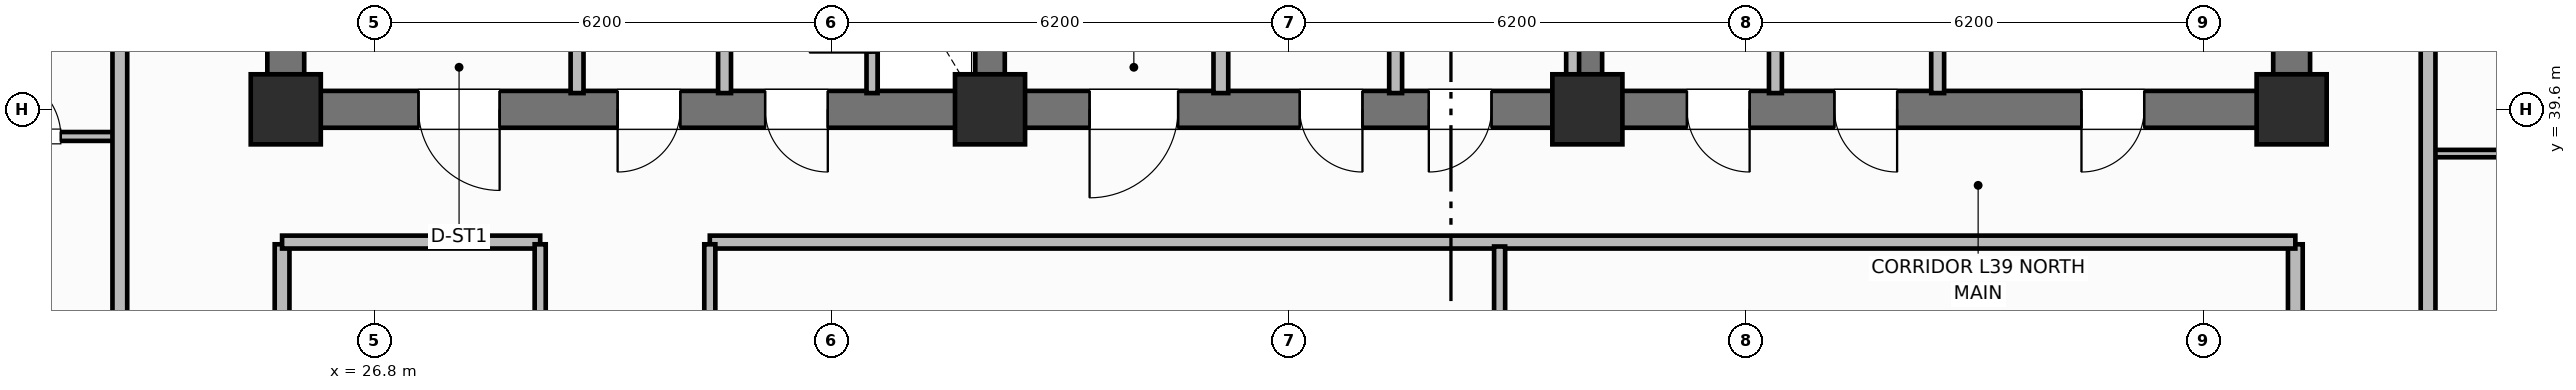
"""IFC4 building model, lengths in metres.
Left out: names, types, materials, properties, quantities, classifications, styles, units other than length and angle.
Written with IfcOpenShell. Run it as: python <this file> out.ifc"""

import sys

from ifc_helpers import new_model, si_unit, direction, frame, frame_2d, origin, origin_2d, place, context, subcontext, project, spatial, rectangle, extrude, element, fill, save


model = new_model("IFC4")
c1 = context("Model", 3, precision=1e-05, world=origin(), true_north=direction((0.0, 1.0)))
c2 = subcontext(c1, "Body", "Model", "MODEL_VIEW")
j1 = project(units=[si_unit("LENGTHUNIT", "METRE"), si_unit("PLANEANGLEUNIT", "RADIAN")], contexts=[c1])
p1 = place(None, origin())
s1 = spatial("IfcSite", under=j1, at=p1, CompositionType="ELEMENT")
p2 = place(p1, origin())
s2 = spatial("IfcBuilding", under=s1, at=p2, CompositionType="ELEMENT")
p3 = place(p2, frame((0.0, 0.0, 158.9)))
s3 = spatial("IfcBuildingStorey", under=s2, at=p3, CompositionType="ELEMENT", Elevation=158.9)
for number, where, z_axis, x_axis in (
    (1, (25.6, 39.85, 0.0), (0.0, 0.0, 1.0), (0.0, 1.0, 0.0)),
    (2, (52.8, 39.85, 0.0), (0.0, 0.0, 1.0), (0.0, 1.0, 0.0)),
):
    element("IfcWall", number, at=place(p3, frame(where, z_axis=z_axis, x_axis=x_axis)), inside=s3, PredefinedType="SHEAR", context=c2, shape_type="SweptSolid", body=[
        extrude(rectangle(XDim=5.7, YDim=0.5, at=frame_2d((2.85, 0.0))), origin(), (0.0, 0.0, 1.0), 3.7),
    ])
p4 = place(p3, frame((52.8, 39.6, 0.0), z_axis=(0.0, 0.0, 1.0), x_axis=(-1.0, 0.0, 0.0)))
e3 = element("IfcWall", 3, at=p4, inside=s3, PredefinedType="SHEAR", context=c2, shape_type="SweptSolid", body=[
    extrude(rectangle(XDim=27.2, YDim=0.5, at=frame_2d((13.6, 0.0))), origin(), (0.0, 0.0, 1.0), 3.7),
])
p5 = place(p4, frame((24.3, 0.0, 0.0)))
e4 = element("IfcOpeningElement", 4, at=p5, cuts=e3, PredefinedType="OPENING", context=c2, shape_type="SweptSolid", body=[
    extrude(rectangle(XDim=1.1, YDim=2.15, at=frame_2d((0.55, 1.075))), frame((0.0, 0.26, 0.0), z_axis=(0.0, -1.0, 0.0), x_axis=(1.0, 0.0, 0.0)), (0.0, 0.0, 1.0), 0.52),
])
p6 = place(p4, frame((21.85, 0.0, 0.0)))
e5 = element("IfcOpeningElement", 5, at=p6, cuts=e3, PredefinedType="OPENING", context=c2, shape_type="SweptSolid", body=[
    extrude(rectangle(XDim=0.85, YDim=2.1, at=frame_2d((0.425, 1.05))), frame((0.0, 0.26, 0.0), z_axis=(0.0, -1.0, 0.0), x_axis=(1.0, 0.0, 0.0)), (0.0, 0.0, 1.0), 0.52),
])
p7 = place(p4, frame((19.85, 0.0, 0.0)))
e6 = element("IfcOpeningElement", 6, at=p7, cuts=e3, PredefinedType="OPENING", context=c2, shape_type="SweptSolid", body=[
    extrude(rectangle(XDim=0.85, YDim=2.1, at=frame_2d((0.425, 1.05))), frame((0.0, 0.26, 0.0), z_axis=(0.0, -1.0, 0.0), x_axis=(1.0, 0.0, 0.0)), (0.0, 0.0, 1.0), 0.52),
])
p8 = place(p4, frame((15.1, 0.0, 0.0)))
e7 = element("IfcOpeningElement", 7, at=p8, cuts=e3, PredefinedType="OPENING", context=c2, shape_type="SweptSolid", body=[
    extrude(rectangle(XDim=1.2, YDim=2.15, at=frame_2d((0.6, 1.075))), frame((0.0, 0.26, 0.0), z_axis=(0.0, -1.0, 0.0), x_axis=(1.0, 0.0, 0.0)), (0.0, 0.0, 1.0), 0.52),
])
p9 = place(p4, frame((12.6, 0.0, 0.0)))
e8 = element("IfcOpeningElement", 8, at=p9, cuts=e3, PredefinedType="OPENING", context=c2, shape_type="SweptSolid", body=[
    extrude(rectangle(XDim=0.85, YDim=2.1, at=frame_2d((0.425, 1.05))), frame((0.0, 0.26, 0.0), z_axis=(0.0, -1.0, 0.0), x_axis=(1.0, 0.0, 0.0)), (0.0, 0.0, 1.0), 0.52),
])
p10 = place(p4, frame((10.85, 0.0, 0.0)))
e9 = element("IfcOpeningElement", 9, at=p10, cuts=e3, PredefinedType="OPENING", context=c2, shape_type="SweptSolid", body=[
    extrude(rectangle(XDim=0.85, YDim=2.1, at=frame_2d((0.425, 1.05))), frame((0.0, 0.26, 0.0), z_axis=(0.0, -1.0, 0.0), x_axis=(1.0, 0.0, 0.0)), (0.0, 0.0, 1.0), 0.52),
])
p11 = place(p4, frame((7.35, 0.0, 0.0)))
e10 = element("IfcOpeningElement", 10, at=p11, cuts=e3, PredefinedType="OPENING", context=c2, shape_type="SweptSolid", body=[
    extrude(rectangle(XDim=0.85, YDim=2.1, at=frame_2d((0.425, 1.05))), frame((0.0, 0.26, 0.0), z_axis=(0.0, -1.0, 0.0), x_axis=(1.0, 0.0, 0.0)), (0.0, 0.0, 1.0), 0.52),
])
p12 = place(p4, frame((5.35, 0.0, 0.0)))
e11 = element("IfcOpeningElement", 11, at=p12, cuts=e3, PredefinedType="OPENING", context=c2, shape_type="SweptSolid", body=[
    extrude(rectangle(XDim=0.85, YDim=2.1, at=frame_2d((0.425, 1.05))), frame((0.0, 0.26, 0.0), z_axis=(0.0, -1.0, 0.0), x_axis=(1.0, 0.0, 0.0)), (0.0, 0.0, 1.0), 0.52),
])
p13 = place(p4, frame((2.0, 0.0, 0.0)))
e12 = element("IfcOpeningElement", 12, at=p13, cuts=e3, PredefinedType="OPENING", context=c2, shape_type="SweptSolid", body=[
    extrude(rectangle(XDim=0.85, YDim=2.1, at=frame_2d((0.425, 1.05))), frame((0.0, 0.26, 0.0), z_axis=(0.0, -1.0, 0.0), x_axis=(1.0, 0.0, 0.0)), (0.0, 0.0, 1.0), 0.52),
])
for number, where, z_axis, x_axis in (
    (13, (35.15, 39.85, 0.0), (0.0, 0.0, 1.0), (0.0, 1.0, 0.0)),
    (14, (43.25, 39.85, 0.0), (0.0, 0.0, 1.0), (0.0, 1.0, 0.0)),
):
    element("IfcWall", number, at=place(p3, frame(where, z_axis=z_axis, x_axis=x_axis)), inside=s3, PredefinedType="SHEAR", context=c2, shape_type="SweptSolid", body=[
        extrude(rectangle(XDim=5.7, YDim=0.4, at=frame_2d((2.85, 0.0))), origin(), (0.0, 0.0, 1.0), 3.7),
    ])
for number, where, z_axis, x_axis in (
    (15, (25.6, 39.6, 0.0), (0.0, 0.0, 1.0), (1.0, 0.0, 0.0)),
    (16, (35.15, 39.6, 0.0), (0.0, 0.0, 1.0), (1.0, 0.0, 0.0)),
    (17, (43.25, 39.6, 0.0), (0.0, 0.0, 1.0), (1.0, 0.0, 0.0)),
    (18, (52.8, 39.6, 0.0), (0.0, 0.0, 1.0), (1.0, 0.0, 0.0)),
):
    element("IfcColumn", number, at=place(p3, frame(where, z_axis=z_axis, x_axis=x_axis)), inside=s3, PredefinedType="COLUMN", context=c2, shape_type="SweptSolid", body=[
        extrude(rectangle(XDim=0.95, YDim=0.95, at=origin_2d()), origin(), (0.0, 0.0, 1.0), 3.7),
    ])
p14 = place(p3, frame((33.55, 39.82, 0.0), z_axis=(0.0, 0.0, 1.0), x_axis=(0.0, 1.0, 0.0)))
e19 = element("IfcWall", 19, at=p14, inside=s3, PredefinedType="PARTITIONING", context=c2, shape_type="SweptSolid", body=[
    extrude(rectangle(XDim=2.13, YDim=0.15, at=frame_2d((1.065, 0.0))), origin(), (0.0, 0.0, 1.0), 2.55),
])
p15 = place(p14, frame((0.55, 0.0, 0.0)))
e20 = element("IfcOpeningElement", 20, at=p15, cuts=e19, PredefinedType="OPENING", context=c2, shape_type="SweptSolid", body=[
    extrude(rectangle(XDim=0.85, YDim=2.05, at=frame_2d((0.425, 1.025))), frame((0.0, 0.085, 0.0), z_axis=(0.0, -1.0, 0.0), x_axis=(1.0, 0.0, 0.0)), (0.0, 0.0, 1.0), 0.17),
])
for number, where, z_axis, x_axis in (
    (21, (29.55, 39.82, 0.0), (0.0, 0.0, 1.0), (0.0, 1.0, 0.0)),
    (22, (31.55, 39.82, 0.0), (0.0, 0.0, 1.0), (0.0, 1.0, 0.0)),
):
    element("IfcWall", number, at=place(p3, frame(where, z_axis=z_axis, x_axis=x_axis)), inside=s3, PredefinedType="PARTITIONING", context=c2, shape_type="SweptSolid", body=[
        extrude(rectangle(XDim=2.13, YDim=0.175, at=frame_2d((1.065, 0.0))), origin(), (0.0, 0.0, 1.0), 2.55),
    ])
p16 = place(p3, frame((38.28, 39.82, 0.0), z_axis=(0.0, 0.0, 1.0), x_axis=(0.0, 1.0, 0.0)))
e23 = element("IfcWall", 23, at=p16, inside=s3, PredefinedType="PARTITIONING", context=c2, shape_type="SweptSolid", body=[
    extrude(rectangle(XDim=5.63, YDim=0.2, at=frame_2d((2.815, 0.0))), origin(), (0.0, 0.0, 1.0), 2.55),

The problem
Every line of the listing that includes the word "under" forms the answer.

Exercise result
s1 = spatial("IfcSite", under=j1, at=p1, CompositionType="ELEMENT")
s2 = spatial("IfcBuilding", under=s1, at=p2, CompositionType="ELEMENT")
s3 = spatial("IfcBuildingStorey", under=s2, at=p3, CompositionType="ELEMENT", Elevation=158.9)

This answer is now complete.